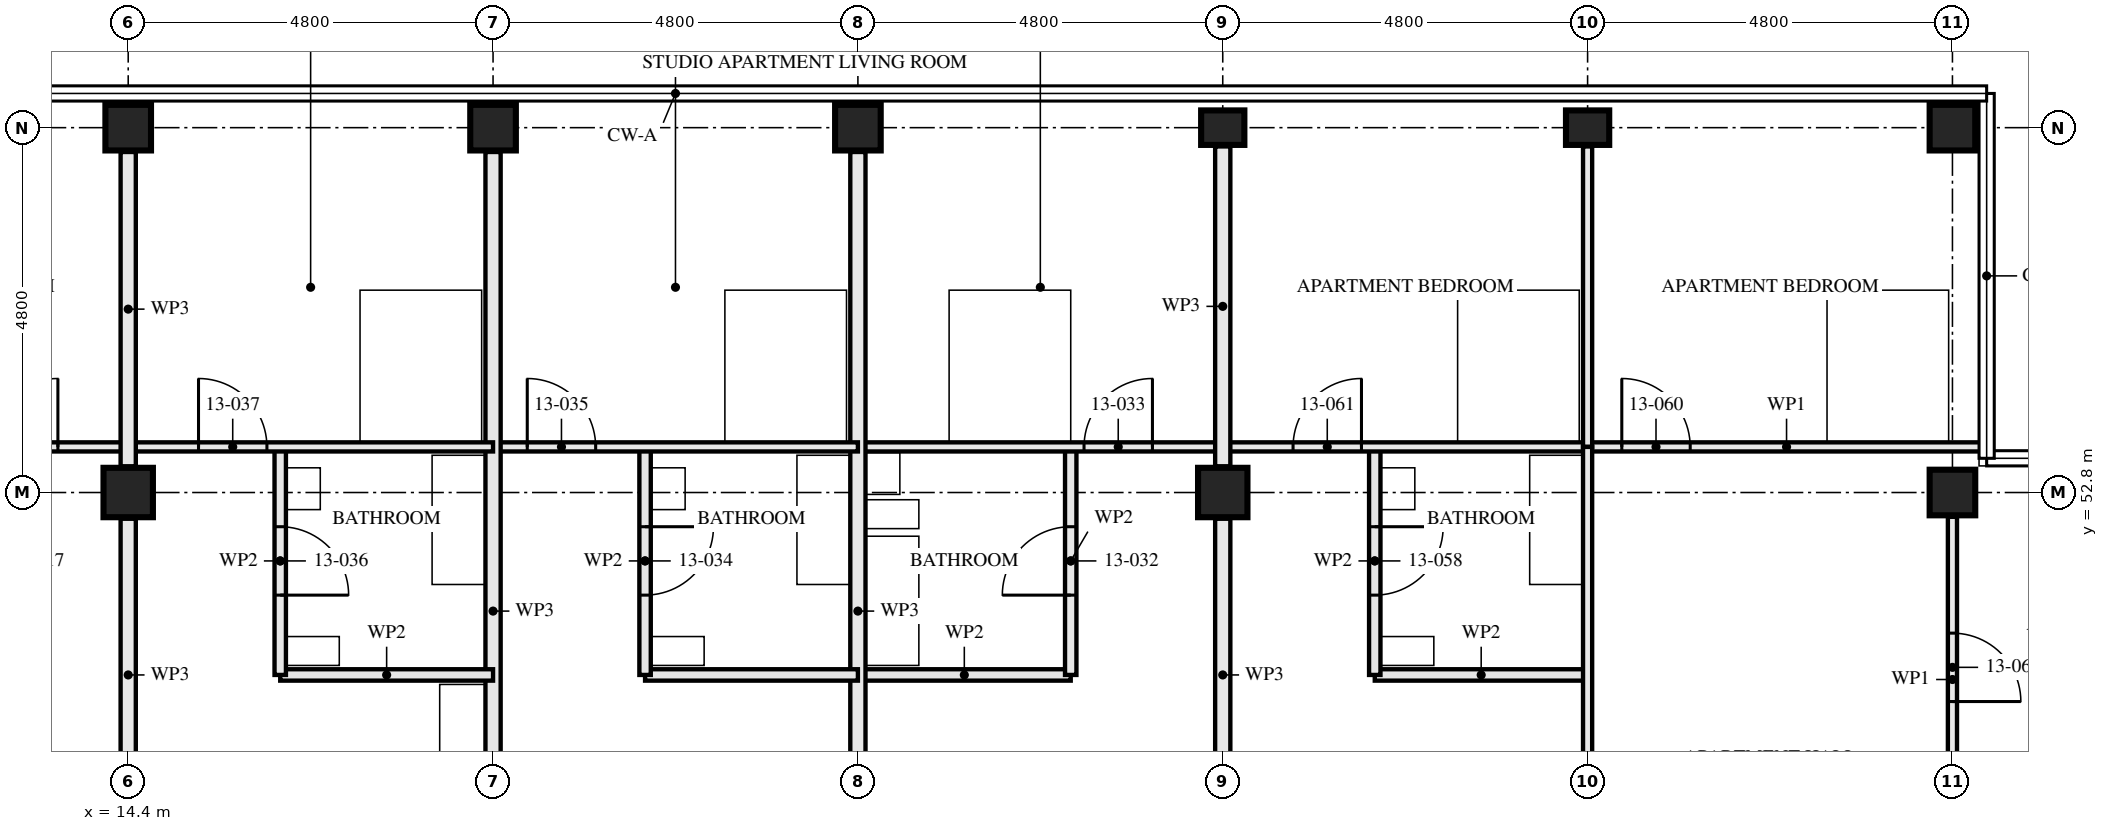
"""IFC4 building model, lengths in metres.
Left out: names, types, materials, properties, quantities, classifications, styles, units other than length and angle.
Written with IfcOpenShell. Run it as: python <this file> out.ifc"""

import sys

from ifc_helpers import new_model, si_unit, direction, frame, frame_2d, origin, origin_2d, place, context, subcontext, project, spatial, rectangle, hollow_rectangle, i_section, extrude, element, fill, save


model = new_model("IFC4")
c1 = context("Model", 3, precision=1e-05, world=origin(), true_north=direction((0.0, 1.0)))
c2 = subcontext(c1, "Body", "Model", "MODEL_VIEW")
j1 = project(units=[si_unit("LENGTHUNIT", "METRE"), si_unit("PLANEANGLEUNIT", "RADIAN")], contexts=[c1])
p1 = place(None, origin())
s1 = spatial("IfcSite", under=j1, at=p1, CompositionType="ELEMENT")
p2 = place(p1, origin())
s2 = spatial("IfcBuilding", under=s1, at=p2, CompositionType="ELEMENT")
p3 = place(p2, frame((0.0, 0.0, 51.5)))
s3 = spatial("IfcBuildingStorey", under=s2, at=p3, CompositionType="ELEMENT", Elevation=51.5)
p4 = place(p3, frame((14.4, 52.8, 0.0), z_axis=(0.0, 0.0, 1.0), x_axis=(1.0, 0.0, 0.0)))
e1 = element("IfcColumn", 1, at=p4, inside=s3, PredefinedType="COLUMN", context=c2, shape_type="SweptSolid", body=[
    extrude(hollow_rectangle(XDim=0.65, YDim=0.65, WallThickness=0.05, at=origin_2d()), origin(), (0.0, 0.0, 1.0), 3.5),
])
for number, where, z_axis, x_axis in (
    (2, (14.4, 57.6, 0.0), (0.0, 0.0, 1.0), (0.0, 1.0, 0.0)),
    (3, (19.2, 57.6, 0.0), (0.0, 0.0, 1.0), (0.0, 1.0, 0.0)),
    (4, (24.0, 57.6, 0.0), (0.0, 0.0, 1.0), (0.0, 1.0, 0.0)),
):
    element("IfcColumn", number, at=place(p3, frame(where, z_axis=z_axis, x_axis=x_axis)), inside=s3, PredefinedType="COLUMN", context=c2, shape_type="SweptSolid", body=[
        extrude(hollow_rectangle(XDim=0.6, YDim=0.6, WallThickness=0.08, at=origin_2d()), origin(), (0.0, 0.0, 1.0), 3.5),
    ])
p5 = place(p3, frame((28.8, 52.8, 0.0), z_axis=(0.0, 0.0, 1.0), x_axis=(1.0, 0.0, 0.0)))
e5 = element("IfcColumn", 5, at=p5, inside=s3, PredefinedType="COLUMN", context=c2, shape_type="SweptSolid", body=[
    extrude(hollow_rectangle(XDim=0.65, YDim=0.65, WallThickness=0.05, at=origin_2d()), origin(), (0.0, 0.0, 1.0), 3.5),
])
for number, where, z_axis, x_axis in (
    (6, (28.8, 57.6, 0.0), (0.0, 0.0, 1.0), (0.0, 1.0, 0.0)),
    (7, (33.6, 57.6, 0.0), (0.0, 0.0, 1.0), (0.0, 1.0, 0.0)),
):
    element("IfcColumn", number, at=place(p3, frame(where, z_axis=z_axis, x_axis=x_axis)), inside=s3, PredefinedType="COLUMN", context=c2, shape_type="SweptSolid", body=[
        extrude(i_section(OverallWidth=0.454, OverallDepth=0.569, WebThickness=0.078, FlangeThickness=0.125, FilletRadius=0.015, at=origin_2d()), origin(), (0.0, 0.0, 1.0), 3.5),
    ])
for number, where, z_axis, x_axis in (
    (8, (38.4, 52.8, 0.0), (0.0, 0.0, 1.0), (0.0, 1.0, 0.0)),
    (9, (38.4, 57.6, 0.0), (0.0, 0.0, 1.0), (0.0, 1.0, 0.0)),
):
    element("IfcColumn", number, at=place(p3, frame(where, z_axis=z_axis, x_axis=x_axis)), inside=s3, PredefinedType="COLUMN", context=c2, shape_type="SweptSolid", body=[
        extrude(hollow_rectangle(XDim=0.6, YDim=0.6, WallThickness=0.05, at=origin_2d()), origin(), (0.0, 0.0, 1.0), 3.5),
    ])
p6 = place(p3, frame((14.4, 53.4, 0.0), z_axis=(0.0, 0.0, 1.0), x_axis=(-1.0, 0.0, 0.0)))
e10 = element("IfcWall", 10, at=p6, inside=s3, PredefinedType="PARTITIONING", context=c2, shape_type="SweptSolid", body=[
    extrude(rectangle(XDim=4.8, YDim=0.12, at=frame_2d((2.4, 0.0))), origin(), (0.0, 0.0, 1.0), 3.33),
])
p7 = place(p6, frame((0.925, 0.0, 0.0)))
e11 = element("IfcOpeningElement", 11, at=p7, cuts=e10, PredefinedType="OPENING", context=c2, shape_type="SweptSolid", body=[
    extrude(rectangle(XDim=0.9, YDim=2.1, at=frame_2d((0.45, 1.05))), frame((0.0, 0.071, 0.0), z_axis=(0.0, -1.0, 0.0), x_axis=(1.0, 0.0, 0.0)), (0.0, 0.0, 1.0), 0.141),
])
p8 = place(p3, frame((26.8, 53.4, 0.0), z_axis=(0.0, 0.0, 1.0), x_axis=(0.0, -1.0, 0.0)))
e12 = element("IfcWall", 12, at=p8, inside=s3, PredefinedType="PARTITIONING", context=c2, shape_type="SweptSolid", body=[
    extrude(rectangle(XDim=3.0, YDim=0.15, at=frame_2d((1.5, 0.0))), origin(), (0.0, 0.0, 1.0), 2.55),
])
p9 = place(p8, frame((1.05, 0.0, 0.0)))
e13 = element("IfcOpeningElement", 13, at=p9, cuts=e12, PredefinedType="OPENING", context=c2, shape_type="SweptSolid", body=[
    extrude(rectangle(XDim=0.9, YDim=2.1, at=frame_2d((0.45, 1.05))), frame((0.0, 0.085, 0.0), z_axis=(0.0, -1.0, 0.0), x_axis=(1.0, 0.0, 0.0)), (0.0, 0.0, 1.0), 0.171),
])
p10 = place(p3, frame((26.8, 50.4, 0.0), z_axis=(0.0, 0.0, 1.0), x_axis=(-1.0, 0.0, 0.0)))
e14 = element("IfcWall", 14, at=p10, inside=s3, PredefinedType="PARTITIONING", context=c2, shape_type="SweptSolid", body=[
    extrude(rectangle(XDim=2.8, YDim=0.15, at=frame_2d((1.4, 0.0))), origin(), (0.0, 0.0, 1.0), 3.33),
])
p11 = place(p3, frame((28.8, 53.4, 0.0), z_axis=(0.0, 0.0, 1.0), x_axis=(-1.0, 0.0, 0.0)))
e15 = element("IfcWall", 15, at=p11, inside=s3, PredefinedType="PARTITIONING", context=c2, shape_type="SweptSolid", body=[
    extrude(rectangle(XDim=4.8, YDim=0.12, at=frame_2d((2.4, 0.0))), origin(), (0.0, 0.0, 1.0), 3.33),
])
p12 = place(p11, frame((0.925, 0.0, 0.0)))
e16 = element("IfcOpeningElement", 16, at=p12, cuts=e15, PredefinedType="OPENING", context=c2, shape_type="SweptSolid", body=[
    extrude(rectangle(XDim=0.9, YDim=2.1, at=frame_2d((0.45, 1.05))), frame((0.0, 0.071, 0.0), z_axis=(0.0, -1.0, 0.0), x_axis=(1.0, 0.0, 0.0)), (0.0, 0.0, 1.0), 0.141),
])
p13 = place(p3, frame((24.0, 57.28, 0.0), z_axis=(0.0, 0.0, 1.0), x_axis=(0.0, -1.0, 0.0)))
e17 = element("IfcWall", 17, at=p13, inside=s3, PredefinedType="PARTITIONING", context=c2, shape_type="SweptSolid", body=[
    extrude(rectangle(XDim=12.08, YDim=0.2, at=frame_2d((6.04, 0.0))), origin(), (0.0, 0.0, 1.0), 2.55),
])
p14 = place(p3, frame((21.2, 53.4, 0.0), z_axis=(0.0, 0.0, 1.0), x_axis=(0.0, -1.0, 0.0)))
e18 = element("IfcWall", 18, at=p14, inside=s3, PredefinedType="PARTITIONING", context=c2, shape_type="SweptSolid", body=[
    extrude(rectangle(XDim=3.0, YDim=0.15, at=frame_2d((1.5, 0.0))), origin(), (0.0, 0.0, 1.0), 2.55),
])
p15 = place(p14, frame((1.05, 0.0, 0.0)))
e19 = element("IfcOpeningElement", 19, at=p15, cuts=e18, PredefinedType="OPENING", context=c2, shape_type="SweptSolid", body=[
    extrude(rectangle(XDim=0.9, YDim=2.1, at=frame_2d((0.45, 1.05))), frame((0.0, 0.085, 0.0), z_axis=(0.0, -1.0, 0.0), x_axis=(1.0, 0.0, 0.0)), (0.0, 0.0, 1.0), 0.171),
])
p16 = place(p3, frame((24.0, 50.4, 0.0), z_axis=(0.0, 0.0, 1.0), x_axis=(-1.0, 0.0, 0.0)))
e20 = element("IfcWall", 20, at=p16, inside=s3, PredefinedType="PARTITIONING", context=c2, shape_type="SweptSolid", body=[
    extrude(rectangle(XDim=2.8, YDim=0.15, at=frame_2d((1.4, 0.0))), origin(), (0.0, 0.0, 1.0), 3.33),
])
p17 = place(p3, frame((24.0, 53.4, 0.0), z_axis=(0.0, 0.0, 1.0), x_axis=(-1.0, 0.0, 0.0)))
e21 = element("IfcWall", 21, at=p17, inside=s3, PredefinedType="PARTITIONING", context=c2, shape_type="SweptSolid", body=[
    extrude(rectangle(XDim=4.8, YDim=0.12, at=frame_2d((2.4, 0.0))), origin(), (0.0, 0.0, 1.0), 3.33),
])
p18 = place(p17, frame((3.45, 0.0, 0.0)))
e22 = element("IfcOpeningElement", 22, at=p18, cuts=e21, PredefinedType="OPENING", context=c2, shape_type="SweptSolid", body=[
    extrude(rectangle(XDim=0.9, YDim=2.1, at=frame_2d((0.45, 1.05))), frame((0.0, 0.071, 0.0), z_axis=(0.0, -1.0, 0.0), x_axis=(1.0, 0.0, 0.0)), (0.0, 0.0, 1.0), 0.141),
])
p19 = place(p3, frame((19.2, 57.28, 0.0), z_axis=(0.0, 0.0, 1.0), x_axis=(0.0, -1.0, 0.0)))
e23 = element("IfcWall", 23, at=p19, inside=s3, PredefinedType="PARTITIONING", context=c2, shape_type="SweptSolid", body=[
    extrude(rectangle(XDim=12.08, YDim=0.2, at=frame_2d((6.04, 0.0))), origin(), (0.0, 0.0, 1.0), 2.55),
])
p20 = place(p3, frame((16.4, 53.4, 0.0), z_axis=(0.0, 0.0, 1.0), x_axis=(0.0, -1.0, 0.0)))
e24 = element("IfcWall", 24, at=p20, inside=s3, PredefinedType="PARTITIONING", context=c2, shape_type="SweptSolid", body=[
    extrude(rectangle(XDim=3.0, YDim=0.15, at=frame_2d((1.5, 0.0))), origin(), (0.0, 0.0, 1.0), 2.55),
])
p21 = place(p20, frame((1.05, 0.0, 0.0)))
e25 = element("IfcOpeningElement", 25, at=p21, cuts=e24, PredefinedType="OPENING", context=c2, shape_type="SweptSolid", body=[
    extrude(rectangle(XDim=0.9, YDim=2.1, at=frame_2d((0.45, 1.05))), frame((0.0, 0.085, 0.0), z_axis=(0.0, -1.0, 0.0), x_axis=(1.0, 0.0, 0.0)), (0.0, 0.0, 1.0), 0.171),
])
p22 = place(p3, frame((19.2, 50.4, 0.0), z_axis=(0.0, 0.0, 1.0), x_axis=(-1.0, 0.0, 0.0)))
e26 = element("IfcWall", 26, at=p22, inside=s3, PredefinedType="PARTITIONING", context=c2, shape_type="SweptSolid", body=[
    extrude(rectangle(XDim=2.8, YDim=0.15, at=frame_2d((1.4, 0.0))), origin(), (0.0, 0.0, 1.0), 3.33),
])
p23 = place(p3, frame((19.2, 53.4, 0.0), z_axis=(0.0, 0.0, 1.0), x_axis=(-1.0, 0.0, 0.0)))
e27 = element("IfcWall", 27, at=p23, inside=s3, PredefinedType="PARTITIONING", context=c2, shape_type="SweptSolid", body=[
    extrude(rectangle(XDim=4.8, YDim=0.12, at=frame_2d((2.4, 0.0))), origin(), (0.0, 0.0, 1.0), 3.33),
])
p24 = place(p23, frame((2.975, 0.0, 0.0)))
e28 = element("IfcOpeningElement", 28, at=p24, cuts=e27, PredefinedType="OPENING", context=c2, shape_type="SweptSolid", body=[
    extrude(rectangle(XDim=0.9, YDim=2.1, at=frame_2d((0.45, 1.05))), frame((0.0, 0.071, 0.0), z_axis=(0.0, -1.0, 0.0), x_axis=(1.0, 0.0, 0.0)), (0.0, 0.0, 1.0), 0.141),
])
p25 = place(p3, frame((30.8, 53.4, 0.0), z_axis=(0.0, 0.0, 1.0), x_axis=(0.0, -1.0, 0.0)))
e29 = element("IfcWall", 29, at=p25, inside=s3, PredefinedType="PARTITIONING", context=c2, shape_type="SweptSolid", body=[
    extrude(rectangle(XDim=3.0, YDim=0.15, at=frame_2d((1.5, 0.0))), origin(), (0.0, 0.0, 1.0), 2.55),
])
p26 = place(p25, frame((1.05, 0.0, 0.0)))
e30 = element("IfcOpeningElement", 30, at=p26, cuts=e29, PredefinedType="OPENING", context=c2, shape_type="SweptSolid", body=[
    extrude(rectangle(XDim=0.9, YDim=2.1, at=frame_2d((0.45, 1.05))), frame((0.0, 0.085, 0.0), z_axis=(0.0, -1.0, 0.0), x_axis=(1.0, 0.0, 0.0)), (0.0, 0.0, 1.0), 0.171),
])
p27 = place(p3, frame((33.6, 50.4, 0.0), z_axis=(0.0, 0.0, 1.0), x_axis=(-1.0, 0.0, 0.0)))
e31 = element("IfcWall", 31, at=p27, inside=s3, PredefinedType="PARTITIONING", context=c2, shape_type="SweptSolid", body=[
    extrude(rectangle(XDim=2.8, YDim=0.15, at=frame_2d((1.4, 0.0))), origin(), (0.0, 0.0, 1.0), 3.33),
])
p28 = place(p3, frame((33.6, 53.4, 0.0), z_axis=(0.0, 0.0, 1.0), x_axis=(0.0, -1.0, 0.0)))
e32 = element("IfcWall", 32, at=p28, inside=s3, PredefinedType="PARTITIONING", context=c2, shape_type="SweptSolid", body=[
    extrude(rectangle(XDim=8.25, YDim=0.12, at=frame_2d((4.125, 0.0))), origin(), (0.0, 0.0, 1.0), 2.55),
])
p29 = place(p28, frame((5.15, 0.0, 0.0)))
e33 = element("IfcOpeningElement", 33, at=p29, cuts=e32, PredefinedType="OPENING", context=c2, shape_type="SweptSolid", body=[
    extrude(rectangle(XDim=0.9, YDim=2.1, at=frame_2d((0.45, 1.05))), frame((0.0, 0.071, 0.0), z_axis=(0.0, -1.0, 0.0), x_axis=(1.0, 0.0, 0.0)), (0.0, 0.0, 1.0), 0.141),
])
p30 = place(p3, frame((38.835, 53.4, 0.0), z_axis=(0.0, 0.0, 1.0), x_axis=(-1.0, 0.0, 0.0)))
e34 = element("IfcWall", 34, at=p30, inside=s3, PredefinedType="PARTITIONING", context=c2, shape_type="SweptSolid", body=[
    extrude(rectangle(XDim=5.235, YDim=0.12, at=frame_2d((2.617, 0.0))), origin(), (0.0, 0.0, 1.0), 2.32),
])
p31 = place(p30, frame((3.885, 0.0, 0.0)))
e35 = element("IfcOpeningElement", 35, at=p31, cuts=e34, PredefinedType="OPENING", context=c2, shape_type="SweptSolid", body=[
    extrude(rectangle(XDim=0.9, YDim=2.1, at=frame_2d((0.45, 1.05))), frame((0.0, 0.071, 0.0), z_axis=(0.0, -1.0, 0.0), x_axis=(1.0, 0.0, 0.0)), (0.0, 0.0, 1.0), 0.141),
])
p32 = place(p3, frame((33.6, 53.4, 0.0), z_axis=(0.0, 0.0, 1.0), x_axis=(-1.0, 0.0, 0.0)))
e36 = element("IfcWall", 36, at=p32, inside=s3, PredefinedType="PARTITIONING", context=c2, shape_type="SweptSolid", body=[
    extrude(rectangle(XDim=4.8, YDim=0.12, at=frame_2d((2.4, 0.0))), origin(), (0.0, 0.0, 1.0), 3.33),
])
p33 = place(p32, frame((2.975, 0.0, 0.0)))
e37 = element("IfcOpeningElement", 37, at=p33, cuts=e36, PredefinedType="OPENING", context=c2, shape_type="SweptSolid", body=[
    extrude(rectangle(XDim=0.9, YDim=2.1, at=frame_2d((0.45, 1.05))), frame((0.0, 0.071, 0.0), z_axis=(0.0, -1.0, 0.0), x_axis=(1.0, 0.0, 0.0)), (0.0, 0.0, 1.0), 0.141),
])
p34 = place(p3, frame((38.4, 52.48, 0.0), z_axis=(0.0, 0.0, 1.0), x_axis=(0.0, -1.0, 0.0)))
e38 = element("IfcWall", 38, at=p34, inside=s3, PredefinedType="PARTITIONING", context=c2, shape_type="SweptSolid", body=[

= About this exercise =
Throughout the data, tally the lines that hold the string "subcontext" and report the tally alone.

= Response area =
2